**Problem statement:** When you reach the line in the data below that contains "p39 = place(p36, frame((15.938, 0.0, 0.0)))", please start repeating lines exactly, and stop after the line that contains "-21.434, 0.0), z_axis=(0.0, 0.0, 1.0), x_axis=(0.0, 1.0, 0.0)))", repeating nothing else.
-- -- --
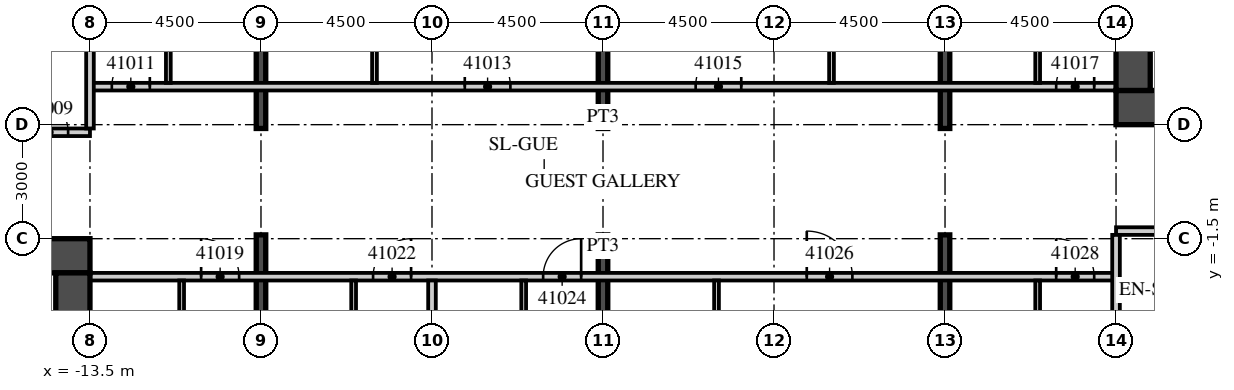
"""IFC4 building model, lengths in metres.
Left out: names, types, materials, properties, quantities, classifications, styles, units other than length and angle.
Written with IfcOpenShell. Run it as: python <this file> out.ifc"""

import sys

from ifc_helpers import new_model, si_unit, direction, frame, frame_2d, origin, place, context, subcontext, project, spatial, rectangle, extrude, element, fill, save


model = new_model("IFC4")
c1 = context("Model", 3, precision=1e-05, world=origin(), true_north=direction((0.0, 1.0)))
c2 = subcontext(c1, "Body", "Model", "MODEL_VIEW")
j1 = project(units=[si_unit("LENGTHUNIT", "METRE"), si_unit("PLANEANGLEUNIT", "RADIAN")], contexts=[c1])
p1 = place(None, origin())
s1 = spatial("IfcSite", under=j1, at=p1, CompositionType="ELEMENT")
p2 = place(p1, origin())
s2 = spatial("IfcBuilding", under=s1, at=p2, CompositionType="ELEMENT")
p3 = place(p2, frame((0.0, 0.0, 176.8)))
s3 = spatial("IfcBuildingStorey", under=s2, at=p3, CompositionType="ELEMENT", Elevation=176.8)
p4 = place(p3, frame((-9.0, -21.845, 0.0), z_axis=(0.0, 0.0, 1.0), x_axis=(0.0, 1.0, 0.0)))
e1 = element("IfcWall", 1, at=p4, inside=s3, PredefinedType="SHEAR", context=c2, shape_type="SweptSolid", body=[
    extrude(rectangle(XDim=20.445, YDim=0.25, at=frame_2d((10.223, 0.0))), origin(), (0.0, 0.0, 1.0), 3.3),
])
p5 = place(p3, frame((-9.0, 1.4, 0.0), z_axis=(0.0, 0.0, 1.0), x_axis=(0.0, 1.0, 0.0)))
e2 = element("IfcWall", 2, at=p5, inside=s3, PredefinedType="SHEAR", context=c2, shape_type="SweptSolid", body=[
    extrude(rectangle(XDim=18.001, YDim=0.25, at=frame_2d((9.0, 0.0))), origin(), (0.0, 0.0, 1.0), 3.3),
])
p6 = place(p3, frame((0.0, -20.979, 0.0), z_axis=(0.0, 0.0, 1.0), x_axis=(0.0, 1.0, 0.0)))
e3 = element("IfcWall", 3, at=p6, inside=s3, PredefinedType="SHEAR", context=c2, shape_type="SweptSolid", body=[
    extrude(rectangle(XDim=19.579, YDim=0.25, at=frame_2d((9.789, 0.0))), origin(), (0.0, 0.0, 1.0), 3.3),
])
p7 = place(p3, frame((0.0, 1.4, 0.0), z_axis=(0.0, 0.0, 1.0), x_axis=(0.0, 1.0, 0.0)))
e4 = element("IfcWall", 4, at=p7, inside=s3, PredefinedType="SHEAR", context=c2, shape_type="SweptSolid", body=[
    extrude(rectangle(XDim=18.867, YDim=0.25, at=frame_2d((9.434, 0.0))), origin(), (0.0, 0.0, 1.0), 3.3),
])
p8 = place(p3, frame((9.0, -20.112, 0.0), z_axis=(0.0, 0.0, 1.0), x_axis=(0.0, 1.0, 0.0)))
e5 = element("IfcWall", 5, at=p8, inside=s3, PredefinedType="SHEAR", context=c2, shape_type="SweptSolid", body=[
    extrude(rectangle(XDim=18.712, YDim=0.25, at=frame_2d((9.356, 0.0))), origin(), (0.0, 0.0, 1.0), 3.3),
])
p9 = place(p3, frame((9.0, 1.4, 0.0), z_axis=(0.0, 0.0, 1.0), x_axis=(0.0, 1.0, 0.0)))
e6 = element("IfcWall", 6, at=p9, inside=s3, PredefinedType="SHEAR", context=c2, shape_type="SweptSolid", body=[
    extrude(rectangle(XDim=19.734, YDim=0.25, at=frame_2d((9.867, 0.0))), origin(), (0.0, 0.0, 1.0), 3.3),
])
p10 = place(p3, frame((-42.913, 1.3, 0.0), z_axis=(0.0, 0.0, 1.0), x_axis=(1.0, 0.0, 0.0)))
e7 = element("IfcWall", 7, at=p10, inside=s3, PredefinedType="PARTITIONING", context=c2, shape_type="SweptSolid", body=[
    extrude(rectangle(XDim=29.413, YDim=0.2, at=frame_2d((14.707, 0.0))), origin(), (0.0, 0.0, 1.0), 3.02),
])
p11 = place(p10, frame((1.406, 0.0, 0.0)))
e8 = element("IfcOpeningElement", 8, at=p11, cuts=e7, PredefinedType="OPENING", context=c2, shape_type="SweptSolid", body=[
    extrude(rectangle(XDim=1.2, YDim=2.1, at=frame_2d((0.6, 1.05))), frame((0.0, 0.11, 0.0), z_axis=(0.0, -1.0, 0.0), x_axis=(1.0, 0.0, 0.0)), (0.0, 0.0, 1.0), 0.22),
])
p12 = place(p10, frame((12.275, 0.0, 0.0)))
e9 = element("IfcOpeningElement", 9, at=p12, cuts=e7, PredefinedType="OPENING", context=c2, shape_type="SweptSolid", body=[
    extrude(rectangle(XDim=1.2, YDim=2.1, at=frame_2d((0.6, 1.05))), frame((0.0, 0.11, 0.0), z_axis=(0.0, -1.0, 0.0), x_axis=(1.0, 0.0, 0.0)), (0.0, 0.0, 1.0), 0.22),
])
p13 = place(p10, frame((18.863, 0.0, 0.0)))
e10 = element("IfcOpeningElement", 10, at=p13, cuts=e7, PredefinedType="OPENING", context=c2, shape_type="SweptSolid", body=[
    extrude(rectangle(XDim=1.0, YDim=2.1, at=frame_2d((0.5, 1.05))), frame((0.0, 0.11, 0.0), z_axis=(0.0, -1.0, 0.0), x_axis=(1.0, 0.0, 0.0)), (0.0, 0.0, 1.0), 0.22),
])
p14 = place(p10, frame((23.338, 0.0, 0.0)))
e11 = element("IfcOpeningElement", 11, at=p14, cuts=e7, PredefinedType="OPENING", context=c2, shape_type="SweptSolid", body=[
    extrude(rectangle(XDim=1.0, YDim=2.1, at=frame_2d((0.5, 1.05))), frame((0.0, 0.11, 0.0), z_axis=(0.0, -1.0, 0.0), x_axis=(1.0, 0.0, 0.0)), (0.0, 0.0, 1.0), 0.22),
])
p15 = place(p10, frame((27.838, 0.0, 0.0)))
e12 = element("IfcOpeningElement", 12, at=p15, cuts=e7, PredefinedType="OPENING", context=c2, shape_type="SweptSolid", body=[
    extrude(rectangle(XDim=1.0, YDim=2.1, at=frame_2d((0.5, 1.05))), frame((0.0, 0.11, 0.0), z_axis=(0.0, -1.0, 0.0), x_axis=(1.0, 0.0, 0.0)), (0.0, 0.0, 1.0), 0.22),
])
p16 = place(p3, frame((-13.5, 2.5, 0.0), z_axis=(0.0, 0.0, 1.0), x_axis=(1.0, 0.0, 0.0)))
e13 = element("IfcWall", 13, at=p16, inside=s3, PredefinedType="PARTITIONING", context=c2, shape_type="SweptSolid", body=[
    extrude(rectangle(XDim=27.0, YDim=0.2, at=frame_2d((13.5, 0.0))), origin(), (0.0, 0.0, 1.0), 3.02),
])
p17 = place(p16, frame((0.575, 0.0, 0.0)))
e14 = element("IfcOpeningElement", 14, at=p17, cuts=e13, PredefinedType="OPENING", context=c2, shape_type="SweptSolid", body=[
    extrude(rectangle(XDim=1.0, YDim=2.1, at=frame_2d((0.5, 1.05))), frame((0.0, 0.11, 0.0), z_axis=(0.0, -1.0, 0.0), x_axis=(1.0, 0.0, 0.0)), (0.0, 0.0, 1.0), 0.22),
])
p18 = place(p16, frame((9.863, 0.0, 0.0)))
e15 = element("IfcOpeningElement", 15, at=p18, cuts=e13, PredefinedType="OPENING", context=c2, shape_type="SweptSolid", body=[
    extrude(rectangle(XDim=1.2, YDim=2.1, at=frame_2d((0.6, 1.05))), frame((0.0, 0.11, 0.0), z_axis=(0.0, -1.0, 0.0), x_axis=(1.0, 0.0, 0.0)), (0.0, 0.0, 1.0), 0.22),
])
p19 = place(p16, frame((15.938, 0.0, 0.0)))
e16 = element("IfcOpeningElement", 16, at=p19, cuts=e13, PredefinedType="OPENING", context=c2, shape_type="SweptSolid", body=[
    extrude(rectangle(XDim=1.2, YDim=2.1, at=frame_2d((0.6, 1.05))), frame((0.0, 0.11, 0.0), z_axis=(0.0, -1.0, 0.0), x_axis=(1.0, 0.0, 0.0)), (0.0, 0.0, 1.0), 0.22),
])
p20 = place(p16, frame((25.425, 0.0, 0.0)))
e17 = element("IfcOpeningElement", 17, at=p20, cuts=e13, PredefinedType="OPENING", context=c2, shape_type="SweptSolid", body=[
    extrude(rectangle(XDim=1.0, YDim=2.1, at=frame_2d((0.5, 1.05))), frame((0.0, 0.11, 0.0), z_axis=(0.0, -1.0, 0.0), x_axis=(1.0, 0.0, 0.0)), (0.0, 0.0, 1.0), 0.22),
])
p21 = place(p3, frame((-13.5, 1.4, 0.0), z_axis=(0.0, 0.0, 1.0), x_axis=(0.0, 1.0, 0.0)))
e18 = element("IfcWall", 18, at=p21, inside=s3, PredefinedType="PARTITIONING", context=c2, shape_type="SweptSolid", body=[
    extrude(rectangle(XDim=17.59, YDim=0.2, at=frame_2d((8.795, 0.0))), origin(), (0.0, 0.0, 1.0), 3.02),
])
p22 = place(p3, frame((-11.438, 2.6, 0.0), z_axis=(0.0, 0.0, 1.0), x_axis=(0.0, 1.0, 0.0)))
e19 = element("IfcWall", 19, at=p22, inside=s3, PredefinedType="PARTITIONING", context=c2, shape_type="SweptSolid", body=[
    extrude(rectangle(XDim=5.225, YDim=0.125, at=frame_2d((2.612, 0.0))), origin(), (0.0, 0.0, 1.0), 3.02),
])
p23 = place(p22, frame((2.45, 0.0, 0.0)))
e20 = element("IfcOpeningElement", 20, at=p23, cuts=e19, PredefinedType="OPENING", context=c2, shape_type="SweptSolid", body=[
    extrude(rectangle(XDim=0.9, YDim=2.1, at=frame_2d((0.45, 1.05))), frame((0.0, 0.073, 0.0), z_axis=(0.0, -1.0, 0.0), x_axis=(1.0, 0.0, 0.0)), (0.0, 0.0, 1.0), 0.145),
])
p24 = place(p3, frame((-6.013, 2.6, 0.0), z_axis=(0.0, 0.0, 1.0), x_axis=(0.0, 1.0, 0.0)))
e21 = element("IfcWall", 21, at=p24, inside=s3, PredefinedType="PARTITIONING", context=c2, shape_type="SweptSolid", body=[
    extrude(rectangle(XDim=5.225, YDim=0.125, at=frame_2d((2.612, 0.0))), origin(), (0.0, 0.0, 1.0), 3.02),
])
p25 = place(p24, frame((2.45, 0.0, 0.0)))
e22 = element("IfcOpeningElement", 22, at=p25, cuts=e21, PredefinedType="OPENING", context=c2, shape_type="SweptSolid", body=[
    extrude(rectangle(XDim=0.9, YDim=2.1, at=frame_2d((0.45, 1.05))), frame((0.0, 0.073, 0.0), z_axis=(0.0, -1.0, 0.0), x_axis=(1.0, 0.0, 0.0)), (0.0, 0.0, 1.0), 0.145),
])
p26 = place(p3, frame((6.013, 2.6, 0.0), z_axis=(0.0, 0.0, 1.0), x_axis=(0.0, 1.0, 0.0)))
e23 = element("IfcWall", 23, at=p26, inside=s3, PredefinedType="PARTITIONING", context=c2, shape_type="SweptSolid", body=[
    extrude(rectangle(XDim=5.225, YDim=0.125, at=frame_2d((2.612, 0.0))), origin(), (0.0, 0.0, 1.0), 3.02),
])
p27 = place(p26, frame((2.45, 0.0, 0.0)))
e24 = element("IfcOpeningElement", 24, at=p27, cuts=e23, PredefinedType="OPENING", context=c2, shape_type="SweptSolid", body=[
    extrude(rectangle(XDim=0.9, YDim=2.1, at=frame_2d((0.45, 1.05))), frame((0.0, 0.073, 0.0), z_axis=(0.0, -1.0, 0.0), x_axis=(1.0, 0.0, 0.0)), (0.0, 0.0, 1.0), 0.145),
])
p28 = place(p3, frame((11.438, 2.6, 0.0), z_axis=(0.0, 0.0, 1.0), x_axis=(0.0, 1.0, 0.0)))
e25 = element("IfcWall", 25, at=p28, inside=s3, PredefinedType="PARTITIONING", context=c2, shape_type="SweptSolid", body=[
    extrude(rectangle(XDim=5.225, YDim=0.125, at=frame_2d((2.612, 0.0))), origin(), (0.0, 0.0, 1.0), 3.02),
])
p29 = place(p28, frame((2.45, 0.0, 0.0)))
e26 = element("IfcOpeningElement", 26, at=p29, cuts=e25, PredefinedType="OPENING", context=c2, shape_type="SweptSolid", body=[
    extrude(rectangle(XDim=0.9, YDim=2.1, at=frame_2d((0.45, 1.05))), frame((0.0, 0.073, 0.0), z_axis=(0.0, -1.0, 0.0), x_axis=(1.0, 0.0, 0.0)), (0.0, 0.0, 1.0), 0.145),
])
p30 = place(p3, frame((-13.5, -2.5, 0.0), z_axis=(0.0, 0.0, 1.0), x_axis=(1.0, 0.0, 0.0)))
e27 = element("IfcWall", 27, at=p30, inside=s3, PredefinedType="PARTITIONING", context=c2, shape_type="SweptSolid", body=[
    extrude(rectangle(XDim=27.0, YDim=0.2, at=frame_2d((13.5, 0.0))), origin(), (0.0, 0.0, 1.0), 3.02),
])
p31 = place(p30, frame((2.925, 0.0, 0.0)))
e28 = element("IfcOpeningElement", 28, at=p31, cuts=e27, PredefinedType="OPENING", context=c2, shape_type="SweptSolid", body=[
    extrude(rectangle(XDim=1.0, YDim=2.1, at=frame_2d((0.5, 1.05))), frame((0.0, 0.11, 0.0), z_axis=(0.0, -1.0, 0.0), x_axis=(1.0, 0.0, 0.0)), (0.0, 0.0, 1.0), 0.22),
])
p32 = place(p30, frame((7.45, 0.0, 0.0)))
e29 = element("IfcOpeningElement", 29, at=p32, cuts=e27, PredefinedType="OPENING", context=c2, shape_type="SweptSolid", body=[
    extrude(rectangle(XDim=1.0, YDim=2.1, at=frame_2d((0.5, 1.05))), frame((0.0, 0.11, 0.0), z_axis=(0.0, -1.0, 0.0), x_axis=(1.0, 0.0, 0.0)), (0.0, 0.0, 1.0), 0.22),
])
p33 = place(p30, frame((11.925, 0.0, 0.0)))
e30 = element("IfcOpeningElement", 30, at=p33, cuts=e27, PredefinedType="OPENING", context=c2, shape_type="SweptSolid", body=[
    extrude(rectangle(XDim=1.0, YDim=2.1, at=frame_2d((0.5, 1.05))), frame((0.0, 0.11, 0.0), z_axis=(0.0, -1.0, 0.0), x_axis=(1.0, 0.0, 0.0)), (0.0, 0.0, 1.0), 0.22),
])
p34 = place(p30, frame((18.862, 0.0, 0.0)))
e31 = element("IfcOpeningElement", 31, at=p34, cuts=e27, PredefinedType="OPENING", context=c2, shape_type="SweptSolid", body=[
    extrude(rectangle(XDim=1.2, YDim=2.1, at=frame_2d((0.6, 1.05))), frame((0.0, 0.11, 0.0), z_axis=(0.0, -1.0, 0.0), x_axis=(1.0, 0.0, 0.0)), (0.0, 0.0, 1.0), 0.22),
])
p35 = place(p30, frame((25.425, 0.0, 0.0)))
e32 = element("IfcOpeningElement", 32, at=p35, cuts=e27, PredefinedType="OPENING", context=c2, shape_type="SweptSolid", body=[
    extrude(rectangle(XDim=1.0, YDim=2.1, at=frame_2d((0.5, 1.05))), frame((0.0, 0.11, 0.0), z_axis=(0.0, -1.0, 0.0), x_axis=(1.0, 0.0, 0.0)), (0.0, 0.0, 1.0), 0.22),
])
p36 = place(p3, frame((13.5, -1.3, 0.0), z_axis=(0.0, 0.0, 1.0), x_axis=(1.0, 0.0, 0.0)))
e33 = element("IfcWall", 33, at=p36, inside=s3, PredefinedType="PARTITIONING", context=c2, shape_type="SweptSolid", body=[
    extrude(rectangle(XDim=26.317, YDim=0.2, at=frame_2d((13.158, 0.0))), origin(), (0.0, 0.0, 1.0), 3.02),
])
p37 = place(p36, frame((2.925, 0.0, 0.0)))
e34 = element("IfcOpeningElement", 34, at=p37, cuts=e33, PredefinedType="OPENING", context=c2, shape_type="SweptSolid", body=[
    extrude(rectangle(XDim=1.0, YDim=2.1, at=frame_2d((0.5, 1.05))), frame((0.0, 0.11, 0.0), z_axis=(0.0, -1.0, 0.0), x_axis=(1.0, 0.0, 0.0)), (0.0, 0.0, 1.0), 0.22),
])
p38 = place(p36, frame((9.862, 0.0, 0.0)))
e35 = element("IfcOpeningElement", 35, at=p38, cuts=e33, PredefinedType="OPENING", context=c2, shape_type="SweptSolid", body=[
    extrude(rectangle(XDim=1.2, YDim=2.1, at=frame_2d((0.6, 1.05))), frame((0.0, 0.11, 0.0), z_axis=(0.0, -1.0, 0.0), x_axis=(1.0, 0.0, 0.0)), (0.0, 0.0, 1.0), 0.22),
])
p39 = place(p36, frame((15.938, 0.0, 0.0)))
e36 = element("IfcOpeningElement", 36, at=p39, cuts=e33, PredefinedType="OPENING", context=c2, shape_type="SweptSolid", body=[
    extrude(rectangle(XDim=1.2, YDim=2.1, at=frame_2d((0.6, 1.05))), frame((0.0, 0.11, 0.0), z_axis=(0.0, -1.0, 0.0), x_axis=(1.0, 0.0, 0.0)), (0.0, 0.0, 1.0), 0.22),
])
p40 = place(p36, frame((25.208, 0.0, 0.0)))
e37 = element("IfcOpeningElement", 37, at=p40, cuts=e33, PredefinedType="OPENING", context=c2, shape_type="SweptSolid", body=[
    extrude(rectangle(XDim=0.9, YDim=2.1, at=frame_2d((0.45, 1.05))), frame((0.0, 0.11, 0.0), z_axis=(0.0, -1.0, 0.0), x_axis=(1.0, 0.0, 0.0)), (0.0, 0.0, 1.0), 0.22),
])
p41 = place(p3, frame((-11.088, -7.825, 0.0), z_axis=(0.0, 0.0, 1.0), x_axis=(0.0, 1.0, 0.0)))
e38 = element("IfcWall", 38, at=p41, inside=s3, PredefinedType="PARTITIONING", context=c2, shape_type="SweptSolid", body=[
    extrude(rectangle(XDim=5.225, YDim=0.125, at=frame_2d((2.612, 0.0))), origin(), (0.0, 0.0, 1.0), 3.02),
])
p42 = place(p41, frame((1.875, 0.0, 0.0)))
e39 = element("IfcOpeningElement", 39, at=p42, cuts=e38, PredefinedType="OPENING", context=c2, shape_type="SweptSolid", body=[
    extrude(rectangle(XDim=0.9, YDim=2.1, at=frame_2d((0.45, 1.05))), frame((0.0, 0.073, 0.0), z_axis=(0.0, -1.0, 0.0), x_axis=(1.0, 0.0, 0.0)), (0.0, 0.0, 1.0), 0.145),
])
p43 = place(p3, frame((-4.5, -21.434, 0.0), z_axis=(0.0, 0.0, 1.0), x_axis=(0.0, 1.0, 0.0)))
e40 = element("IfcWall", 40, at=p43, inside=s3, PredefinedType="PARTITIONING", context=c2, shape_type="SweptSolid", body=[
    extrude(rectangle(XDim=18.834, YDim=0.2, at=frame_2d((9.417, 0.0))), origin(), (0.0, 0.0, 1.0), 3.02),
])
p44 = place(p3, frame((-6.562, -7.825, 0.0), z_axis=(0.0, 0.0, 1.0), x_axis=(0.0, 1.0, 0.0)))
e41 = element("IfcWall", 41, at=p44, inside=s3, PredefinedType="PARTITIONING", context=c2, shape_type="SweptSolid", body=[
    extrude(rectangle(XDim=5.225, YDim=0.125, at=frame_2d((2.612, 0.0))), origin(), (0.0, 0.0, 1.0), 3.02),
])
p45 = place(p44, frame((1.875, 0.0, 0.0)))
e42 = element("IfcOpeningElement", 42, at=p45, cuts=e41, PredefinedType="OPENING", context=c2, shape_type="SweptSolid", body=[
    extrude(rectangle(XDim=0.9, YDim=2.1, at=frame_2d((0.45, 1.05))), frame((0.0, 0.073, 0.0), z_axis=(0.0, -1.0, 0.0), x_axis=(1.0, 0.0, 0.0)), (0.0, 0.0, 1.0), 0.145),
])
p46 = place(p3, frame((-2.087, -7.825, 0.0), z_axis=(0.0, 0.0, 1.0), x_axis=(0.0, 1.0, 0.0)))
e43 = element("IfcWall", 43, at=p46, inside=s3, PredefinedType="PARTITIONING", context=c2, shape_type="SweptSolid", body=[
    extrude(rectangle(XDim=5.225, YDim=0.125, at=frame_2d((2.612, 0.0))), origin(), (0.0, 0.0, 1.0), 3.02),
])
p47 = place(p46, frame((1.875, 0.0, 0.0)))
e44 = element("IfcOpeningElement", 44, at=p47, cuts=e43, PredefinedType="OPENING", context=c2, shape_type="SweptSolid", body=[
    extrude(rectangle(XDim=0.9, YDim=2.1, at=frame_2d((0.45, 1.05))), frame((0.0, 0.073, 0.0), z_axis=(0.0, -1.0, 0.0), x_axis=(1.0, 0.0, 0.0)), (0.0, 0.0, 1.0), 0.145),
])
p48 = place(p3, frame((2.987, -7.825, 0.0), z_axis=(0.0, 0.0, 1.0), x_axis=(0.0, 1.0, 0.0)))
e45 = element("IfcWall", 45, at=p48, inside=s3, PredefinedType="PARTITIONING", context=c2, shape_type="SweptSolid", body=[
    extrude(rectangle(XDim=5.225, YDim=0.125, at=frame_2d((2.612, 0.0))), origin(), (0.0, 0.0, 1.0), 3.02),
])
p49 = place(p48, frame((1.875, 0.0, 0.0)))
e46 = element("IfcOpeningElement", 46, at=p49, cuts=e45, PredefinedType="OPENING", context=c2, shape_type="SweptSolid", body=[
-- -- --
**Solved exercise:**
p39 = place(p36, frame((15.938, 0.0, 0.0)))
e36 = element("IfcOpeningElement", 36, at=p39, cuts=e33, PredefinedType="OPENING", context=c2, shape_type="SweptSolid", body=[
    extrude(rectangle(XDim=1.2, YDim=2.1, at=frame_2d((0.6, 1.05))), frame((0.0, 0.11, 0.0), z_axis=(0.0, -1.0, 0.0), x_axis=(1.0, 0.0, 0.0)), (0.0, 0.0, 1.0), 0.22),
])
p40 = place(p36, frame((25.208, 0.0, 0.0)))
e37 = element("IfcOpeningElement", 37, at=p40, cuts=e33, PredefinedType="OPENING", context=c2, shape_type="SweptSolid", body=[
    extrude(rectangle(XDim=0.9, YDim=2.1, at=frame_2d((0.45, 1.05))), frame((0.0, 0.11, 0.0), z_axis=(0.0, -1.0, 0.0), x_axis=(1.0, 0.0, 0.0)), (0.0, 0.0, 1.0), 0.22),
])
p41 = place(p3, frame((-11.088, -7.825, 0.0), z_axis=(0.0, 0.0, 1.0), x_axis=(0.0, 1.0, 0.0)))
e38 = element("IfcWall", 38, at=p41, inside=s3, PredefinedType="PARTITIONING", context=c2, shape_type="SweptSolid", body=[
    extrude(rectangle(XDim=5.225, YDim=0.125, at=frame_2d((2.612, 0.0))), origin(), (0.0, 0.0, 1.0), 3.02),
])
p42 = place(p41, frame((1.875, 0.0, 0.0)))
e39 = element("IfcOpeningElement", 39, at=p42, cuts=e38, PredefinedType="OPENING", context=c2, shape_type="SweptSolid", body=[
    extrude(rectangle(XDim=0.9, YDim=2.1, at=frame_2d((0.45, 1.05))), frame((0.0, 0.073, 0.0), z_axis=(0.0, -1.0, 0.0), x_axis=(1.0, 0.0, 0.0)), (0.0, 0.0, 1.0), 0.145),
])
p43 = place(p3, frame((-4.5, -21.434, 0.0), z_axis=(0.0, 0.0, 1.0), x_axis=(0.0, 1.0, 0.0)))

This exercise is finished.